[Data shown — start]

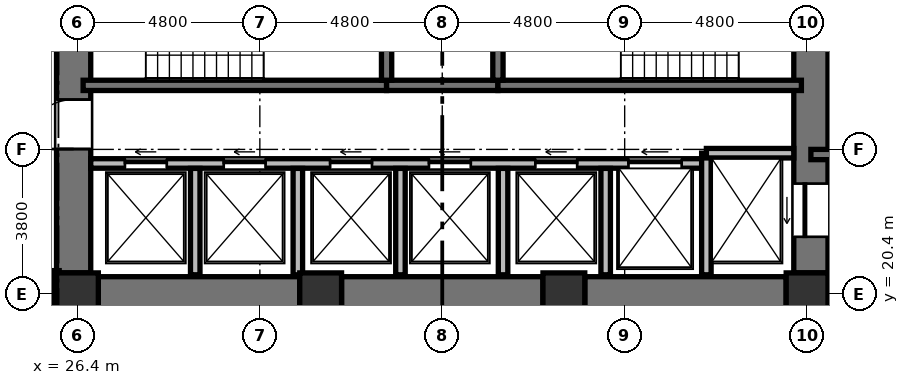
"""IFC4 building model, lengths in metres.
Left out: names, types, materials, properties, quantities, classifications, styles, units other than length and angle.
Written with IfcOpenShell. Run it as: python <this file> out.ifc"""

import sys

from ifc_helpers import new_model, si_unit, direction, frame, frame_2d, origin, origin_2d, place, context, subcontext, project, spatial, rectangle, extrude, element, fill, save


model = new_model("IFC4")
c1 = context("Model", 3, precision=1e-05, world=origin(), true_north=direction((0.0, 1.0)))
c2 = subcontext(c1, "Body", "Model", "MODEL_VIEW")
j1 = project(units=[si_unit("LENGTHUNIT", "METRE"), si_unit("PLANEANGLEUNIT", "RADIAN")], contexts=[c1])
p1 = place(None, origin())
s1 = spatial("IfcSite", under=j1, at=p1, CompositionType="ELEMENT")
p2 = place(p1, origin())
s2 = spatial("IfcBuilding", under=s1, at=p2, CompositionType="ELEMENT")
p3 = place(p2, frame((0.0, 0.0, 25.2)))
s3 = spatial("IfcBuildingStorey", under=s2, at=p3, CompositionType="ELEMENT", Elevation=25.2)
for number, where, z_axis, x_axis in (
    (1, (26.4, 20.4, 0.0), (0.0, 0.0, 1.0), (1.0, 0.0, 0.0)),
    (2, (32.8, 20.4, 0.0), (0.0, 0.0, 1.0), (1.0, 0.0, 0.0)),
    (3, (39.2, 20.4, 0.0), (0.0, 0.0, 1.0), (1.0, 0.0, 0.0)),
    (4, (45.6, 20.4, 0.0), (0.0, 0.0, 1.0), (1.0, 0.0, 0.0)),
):
    element("IfcColumn", number, at=place(p3, frame(where, z_axis=z_axis, x_axis=x_axis)), inside=s3, PredefinedType="COLUMN", context=c2, shape_type="SweptSolid", body=[
        extrude(rectangle(XDim=1.1, YDim=1.1, at=origin_2d()), origin(), (0.0, 0.0, 1.0), 3.648),
    ])
p4 = place(p3, frame((26.3, 20.95, 0.0), z_axis=(0.0, 0.0, 1.0), x_axis=(0.0, 1.0, 0.0)))
e5 = element("IfcWall", 5, at=p4, inside=s3, PredefinedType="SHEAR", context=c2, shape_type="SweptSolid", body=[
    extrude(rectangle(XDim=14.1, YDim=0.9, at=frame_2d((7.05, 0.0))), origin(), (0.0, 0.0, 1.0), 3.648),
])
p5 = place(p4, frame((6.5, 0.0, 0.0)))
e6 = element("IfcOpeningElement", 6, at=p5, cuts=e5, PredefinedType="OPENING", context=c2, shape_type="SweptSolid", body=[
    extrude(rectangle(XDim=1.2, YDim=2.15, at=frame_2d((0.6, 1.075))), frame((0.0, 0.46, 0.0), z_axis=(0.0, -1.0, 0.0), x_axis=(1.0, 0.0, 0.0)), (0.0, 0.0, 1.0), 0.92),
])
p6 = place(p4, frame((9.6, 0.0, 0.0)))
e7 = element("IfcOpeningElement", 7, at=p6, cuts=e5, PredefinedType="OPENING", context=c2, shape_type="SweptSolid", body=[
    extrude(rectangle(XDim=1.3, YDim=2.2, at=frame_2d((0.65, 1.1))), frame((0.0, 0.46, 0.0), z_axis=(0.0, -1.0, 0.0), x_axis=(1.0, 0.0, 0.0)), (0.0, 0.0, 1.0), 0.92),
])
p7 = place(p4, frame((3.26, 0.0, 0.0)))
e8 = element("IfcOpeningElement", 8, at=p7, cuts=e5, PredefinedType="OPENING", context=c2, shape_type="SweptSolid", body=[
    extrude(rectangle(XDim=1.3, YDim=2.2, at=frame_2d((0.65, 1.1))), frame((0.0, 0.46, 0.0), z_axis=(0.0, -1.0, 0.0), x_axis=(1.0, 0.0, 0.0)), (0.0, 0.0, 1.0), 0.92),
])
p8 = place(p3, frame((45.7, 20.95, 0.0), z_axis=(0.0, 0.0, 1.0), x_axis=(0.0, 1.0, 0.0)))
e9 = element("IfcWall", 9, at=p8, inside=s3, PredefinedType="SHEAR", context=c2, shape_type="SweptSolid", body=[
    extrude(rectangle(XDim=14.1, YDim=0.9, at=frame_2d((7.05, 0.0))), origin(), (0.0, 0.0, 1.0), 3.648),
])
p9 = place(p8, frame((11.75, 0.0, 0.0)))
e10 = element("IfcOpeningElement", 10, at=p9, cuts=e9, PredefinedType="OPENING", context=c2, shape_type="SweptSolid", body=[
    extrude(rectangle(XDim=1.4, YDim=2.3, at=frame_2d((0.7, 1.15))), frame((0.0, 0.46, 0.0), z_axis=(0.0, -1.0, 0.0), x_axis=(1.0, 0.0, 0.0)), (0.0, 0.0, 1.0), 0.92),
])
p10 = place(p8, frame((0.95, 0.0, 0.0)))
e11 = element("IfcOpeningElement", 11, at=p10, cuts=e9, PredefinedType="OPENING", context=c2, shape_type="SweptSolid", body=[
    extrude(rectangle(XDim=1.4, YDim=2.3, at=frame_2d((0.7, 1.15))), frame((0.0, 0.46, 0.0), z_axis=(0.0, -1.0, 0.0), x_axis=(1.0, 0.0, 0.0)), (0.0, 0.0, 1.0), 0.92),
])
p11 = place(p3, frame((26.95, 20.4, 0.0), z_axis=(0.0, 0.0, 1.0), x_axis=(1.0, 0.0, 0.0)))
e12 = element("IfcWall", 12, at=p11, inside=s3, PredefinedType="SHEAR", context=c2, shape_type="SweptSolid", body=[
    extrude(rectangle(XDim=5.3, YDim=0.9, at=frame_2d((2.65, 0.0))), origin(), (0.0, 0.0, 1.0), 3.648),
])
p12 = place(p3, frame((33.35, 20.4, 0.0), z_axis=(0.0, 0.0, 1.0), x_axis=(1.0, 0.0, 0.0)))
e13 = element("IfcWall", 13, at=p12, inside=s3, PredefinedType="SHEAR", context=c2, shape_type="SweptSolid", body=[
    extrude(rectangle(XDim=5.3, YDim=0.9, at=frame_2d((2.65, 0.0))), origin(), (0.0, 0.0, 1.0), 3.648),
])
p13 = place(p3, frame((39.75, 20.4, 0.0), z_axis=(0.0, 0.0, 1.0), x_axis=(1.0, 0.0, 0.0)))
e14 = element("IfcWall", 14, at=p13, inside=s3, PredefinedType="SHEAR", context=c2, shape_type="SweptSolid", body=[
    extrude(rectangle(XDim=5.3, YDim=0.9, at=frame_2d((2.65, 0.0))), origin(), (0.0, 0.0, 1.0), 3.648),
])
p14 = place(p3, frame((26.55, 25.885, 0.0), z_axis=(0.0, 0.0, 1.0), x_axis=(1.0, 0.0, 0.0)))
e15 = element("IfcWall", 15, at=p14, inside=s3, PredefinedType="SHEAR", context=c2, shape_type="SweptSolid", body=[
    extrude(rectangle(XDim=7.985, YDim=0.27, at=frame_2d((3.992, 0.0))), origin(), (0.0, 0.0, 1.0), 3.648),
])
p15 = place(p3, frame((34.535, 25.885, 0.0), z_axis=(0.0, 0.0, 1.0), x_axis=(1.0, 0.0, 0.0)))
e16 = element("IfcWall", 16, at=p15, inside=s3, PredefinedType="SHEAR", context=c2, shape_type="SweptSolid", body=[
    extrude(rectangle(XDim=2.93, YDim=0.27, at=frame_2d((1.465, 0.0))), origin(), (0.0, 0.0, 1.0), 3.648),
])
p16 = place(p3, frame((37.465, 25.885, 0.0), z_axis=(0.0, 0.0, 1.0), x_axis=(1.0, 0.0, 0.0)))
e17 = element("IfcWall", 17, at=p16, inside=s3, PredefinedType="SHEAR", context=c2, shape_type="SweptSolid", body=[
    extrude(rectangle(XDim=7.985, YDim=0.27, at=frame_2d((3.992, 0.0))), origin(), (0.0, 0.0, 1.0), 3.648),
])
for number, where, z_axis, x_axis in (
    (18, (34.535, 26.02, 0.0), (0.0, 0.0, 1.0), (0.0, 1.0, 0.0)),
    (19, (37.465, 26.02, 0.0), (0.0, 0.0, 1.0), (0.0, 1.0, 0.0)),
):
    element("IfcWall", number, at=place(p3, frame(where, z_axis=z_axis, x_axis=x_axis)), inside=s3, PredefinedType="SHEAR", context=c2, shape_type="SweptSolid", body=[
        extrude(rectangle(XDim=4.08, YDim=0.27, at=frame_2d((2.04, 0.0))), origin(), (0.0, 0.0, 1.0), 3.648),
    ])
p17 = place(p3, frame((26.75, 23.83, 0.0), z_axis=(0.0, 0.0, 1.0), x_axis=(1.0, 0.0, 0.0)))
e20 = element("IfcWall", 20, at=p17, inside=s3, PredefinedType="SOLIDWALL", context=c2, shape_type="SweptSolid", body=[
    extrude(rectangle(XDim=16.2, YDim=0.25, at=frame_2d((8.1, 0.0))), origin(), (0.0, 0.0, 1.0), 3.428),
])
p18 = place(p17, frame((0.9, 0.0, 0.0)))
e21 = element("IfcOpeningElement", 21, at=p18, cuts=e20, PredefinedType="OPENING", context=c2, shape_type="SweptSolid", body=[
    extrude(rectangle(XDim=1.1, YDim=2.2, at=frame_2d((0.55, 1.1))), frame((0.0, 0.135, 0.0), z_axis=(0.0, -1.0, 0.0), x_axis=(1.0, 0.0, 0.0)), (0.0, 0.0, 1.0), 0.27),
])
p19 = place(p17, frame((3.5, 0.0, 0.0)))
e22 = element("IfcOpeningElement", 22, at=p19, cuts=e20, PredefinedType="OPENING", context=c2, shape_type="SweptSolid", body=[
    extrude(rectangle(XDim=1.1, YDim=2.2, at=frame_2d((0.55, 1.1))), frame((0.0, 0.135, 0.0), z_axis=(0.0, -1.0, 0.0), x_axis=(1.0, 0.0, 0.0)), (0.0, 0.0, 1.0), 0.27),
])
p20 = place(p17, frame((6.3, 0.0, 0.0)))
e23 = element("IfcOpeningElement", 23, at=p20, cuts=e20, PredefinedType="OPENING", context=c2, shape_type="SweptSolid", body=[
    extrude(rectangle(XDim=1.1, YDim=2.2, at=frame_2d((0.55, 1.1))), frame((0.0, 0.135, 0.0), z_axis=(0.0, -1.0, 0.0), x_axis=(1.0, 0.0, 0.0)), (0.0, 0.0, 1.0), 0.27),
])
p21 = place(p17, frame((8.9, 0.0, 0.0)))
e24 = element("IfcOpeningElement", 24, at=p21, cuts=e20, PredefinedType="OPENING", context=c2, shape_type="SweptSolid", body=[
    extrude(rectangle(XDim=1.1, YDim=2.2, at=frame_2d((0.55, 1.1))), frame((0.0, 0.135, 0.0), z_axis=(0.0, -1.0, 0.0), x_axis=(1.0, 0.0, 0.0)), (0.0, 0.0, 1.0), 0.27),
])
p22 = place(p17, frame((11.7, 0.0, 0.0)))
e25 = element("IfcOpeningElement", 25, at=p22, cuts=e20, PredefinedType="OPENING", context=c2, shape_type="SweptSolid", body=[
    extrude(rectangle(XDim=1.1, YDim=2.2, at=frame_2d((0.55, 1.1))), frame((0.0, 0.135, 0.0), z_axis=(0.0, -1.0, 0.0), x_axis=(1.0, 0.0, 0.0)), (0.0, 0.0, 1.0), 0.27),
])
p23 = place(p17, frame((14.15, 0.0, 0.0)))
e26 = element("IfcOpeningElement", 26, at=p23, cuts=e20, PredefinedType="OPENING", context=c2, shape_type="SweptSolid", body=[
    extrude(rectangle(XDim=1.4, YDim=2.3, at=frame_2d((0.7, 1.15))), frame((0.0, 0.135, 0.0), z_axis=(0.0, -1.0, 0.0), x_axis=(1.0, 0.0, 0.0)), (0.0, 0.0, 1.0), 0.27),
])
p24 = place(p3, frame((42.95, 20.9, 0.0), z_axis=(0.0, 0.0, 1.0), x_axis=(0.0, 1.0, 0.0)))
e27 = element("IfcWall", 27, at=p24, inside=s3, PredefinedType="SOLIDWALL", context=c2, shape_type="SweptSolid", body=[
    extrude(rectangle(XDim=3.2, YDim=0.25, at=frame_2d((1.6, 0.0))), origin(), (0.0, 0.0, 1.0), 3.428),
])
p25 = place(p3, frame((42.95, 24.1, 0.0), z_axis=(0.0, 0.0, 1.0), x_axis=(1.0, 0.0, 0.0)))
e28 = element("IfcWall", 28, at=p25, inside=s3, PredefinedType="SOLIDWALL", context=c2, shape_type="SweptSolid", body=[
    extrude(rectangle(XDim=2.3, YDim=0.25, at=frame_2d((1.15, 0.0))), origin(), (0.0, 0.0, 1.0), 3.428),
])
for number, where, z_axis, x_axis in (
    (29, (29.5, 20.9, 0.0), (0.0, 0.0, 1.0), (0.0, 1.0, 0.0)),
    (30, (32.2, 20.9, 0.0), (0.0, 0.0, 1.0), (0.0, 1.0, 0.0)),
    (31, (34.9, 20.9, 0.0), (0.0, 0.0, 1.0), (0.0, 1.0, 0.0)),
    (32, (37.6, 20.9, 0.0), (0.0, 0.0, 1.0), (0.0, 1.0, 0.0)),
    (33, (40.3, 20.9, 0.0), (0.0, 0.0, 1.0), (0.0, 1.0, 0.0)),
):
    element("IfcWall", number, at=place(p3, frame(where, z_axis=z_axis, x_axis=x_axis)), inside=s3, PredefinedType="SOLIDWALL", context=c2, shape_type="SweptSolid", body=[
        extrude(rectangle(XDim=2.8, YDim=0.25, at=frame_2d((1.4, 0.0))), origin(), (0.0, 0.0, 1.0), 3.428),
    ])
p26 = place(p3, frame((45.7, 24.065, 0.0), z_axis=(0.0, 0.0, 1.0), x_axis=(1.0, 0.0, 0.0)))
e34 = element("IfcWall", 34, at=p26, inside=s3, PredefinedType="SHEAR", context=c2, shape_type="SweptSolid", body=[
    extrude(rectangle(XDim=4.715, YDim=0.27, at=frame_2d((2.357, 0.0))), origin(), (0.0, 0.0, 1.0), 3.648),
])
p27 = place(p3, frame((45.7, 20.02, 0.0), z_axis=(0.0, 0.0, 1.0), x_axis=(1.0, 0.0, 0.0)))
e35 = element("IfcWall", 35, at=p27, inside=s3, PredefinedType="SOLIDWALL", context=c2, shape_type="SweptSolid", body=[
    extrude(rectangle(XDim=4.715, YDim=0.25, at=frame_2d((2.357, 0.0))), origin(), (0.0, 0.0, 1.0), 2.813),
])
p28 = place(p3, frame((25.83, 21.01, 0.0), z_axis=(0.0, 0.0, 1.0), x_axis=(0.0, -1.0, 0.0)))
e36 = element("IfcWall", 36, at=p28, inside=s3, PredefinedType="PARTITIONING", context=c2, shape_type="SweptSolid", body=[
    extrude(rectangle(XDim=1.22, YDim=0.18, at=frame_2d((0.61, 0.0))), origin(), (0.0, 0.0, 1.0), 3.428),
])
p29 = place(p7, origin())
e37 = element("IfcDoor", 37, at=p29, inside=s3, OperationType="SINGLE_SWING_LEFT", PredefinedType="DOOR", context=c2, shape_type="SweptSolid", body=[
    extrude(rectangle(XDim=1.3, YDim=2.2, at=frame_2d((0.65, 1.1))), frame((0.0, 0.025, 0.0), z_axis=(0.0, -1.0, 0.0), x_axis=(1.0, 0.0, 0.0)), (0.0, 0.0, 1.0), 0.05),
])
fill(e8, e37)
p30 = place(p18, origin())
e38 = element("IfcDoor", 38, at=p30, inside=s3, OperationType="SLIDING_TO_LEFT", PredefinedType="DOOR", context=c2, shape_type="SweptSolid", body=[
    extrude(rectangle(XDim=1.1, YDim=2.2, at=frame_2d((0.55, 1.1))), frame((0.0, 0.025, 0.0), z_axis=(0.0, -1.0, 0.0), x_axis=(1.0, 0.0, 0.0)), (0.0, 0.0, 1.0), 0.05),
])
fill(e21, e38)
p31 = place(p19, origin())
e39 = element("IfcDoor", 39, at=p31, inside=s3, OperationType="SLIDING_TO_LEFT", PredefinedType="DOOR", context=c2, shape_type="SweptSolid", body=[
    extrude(rectangle(XDim=1.1, YDim=2.2, at=frame_2d((0.55, 1.1))), frame((0.0, 0.025, 0.0), z_axis=(0.0, -1.0, 0.0), x_axis=(1.0, 0.0, 0.0)), (0.0, 0.0, 1.0), 0.05),
])
fill(e22, e39)
p32 = place(p20, origin())
e40 = element("IfcDoor", 40, at=p32, inside=s3, OperationType="SLIDING_TO_LEFT", PredefinedType="DOOR", context=c2, shape_type="SweptSolid", body=[
    extrude(rectangle(XDim=1.1, YDim=2.2, at=frame_2d((0.55, 1.1))), frame((0.0, 0.025, 0.0), z_axis=(0.0, -1.0, 0.0), x_axis=(1.0, 0.0, 0.0)), (0.0, 0.0, 1.0), 0.05),
])
fill(e23, e40)
p33 = place(p21, origin())
e41 = element("IfcDoor", 41, at=p33, inside=s3, OperationType="SLIDING_TO_LEFT", PredefinedType="DOOR", context=c2, shape_type="SweptSolid", body=[
    extrude(rectangle(XDim=1.1, YDim=2.2, at=frame_2d((0.55, 1.1))), frame((0.0, 0.025, 0.0), z_axis=(0.0, -1.0, 0.0), x_axis=(1.0, 0.0, 0.0)), (0.0, 0.0, 1.0), 0.05),
])
fill(e24, e41)
p34 = place(p22, origin())
e42 = element("IfcDoor", 42, at=p34, inside=s3, OperationType="SLIDING_TO_LEFT", PredefinedType="DOOR", context=c2, shape_type="SweptSolid", body=[
    extrude(rectangle(XDim=1.1, YDim=2.2, at=frame_2d((0.55, 1.1))), frame((0.0, 0.025, 0.0), z_axis=(0.0, -1.0, 0.0), x_axis=(1.0, 0.0, 0.0)), (0.0, 0.0, 1.0), 0.05),
])
fill(e25, e42)
p35 = place(p10, origin())
e43 = element("IfcDoor", 43, at=p35, inside=s3, OperationType="SLIDING_TO_LEFT", PredefinedType="DOOR", context=c2, shape_type="SweptSolid", body=[
    extrude(rectangle(XDim=1.4, YDim=2.3, at=frame_2d((0.7, 1.15))), frame((0.0, 0.025, 0.0), z_axis=(0.0, -1.0, 0.0), x_axis=(1.0, 0.0, 0.0)), (0.0, 0.0, 1.0), 0.05),
])
fill(e11, e43)
p36 = place(p23, origin())
e44 = element("IfcDoor", 44, at=p36, inside=s3, OperationType="SLIDING_TO_LEFT", PredefinedType="DOOR", context=c2, shape_type="SweptSolid", body=[
    extrude(rectangle(XDim=1.4, YDim=2.3, at=frame_2d((0.7, 1.15))), frame((0.0, 0.025, 0.0), z_axis=(0.0, -1.0, 0.0), x_axis=(1.0, 0.0, 0.0)), (0.0, 0.0, 1.0), 0.05),
])
fill(e26, e44)
save(model, sys.argv[1])

[Data shown — finish]

▶ **What is required**
Search the records for the string "import" and return every line in which it occurs.

▶ **Result for this exercise**
import sys
from ifc_helpers import new_model, si_unit, direction, frame, frame_2d, origin, origin_2d, place, context, subcontext, project, spatial, rectangle, extrude, element, fill, save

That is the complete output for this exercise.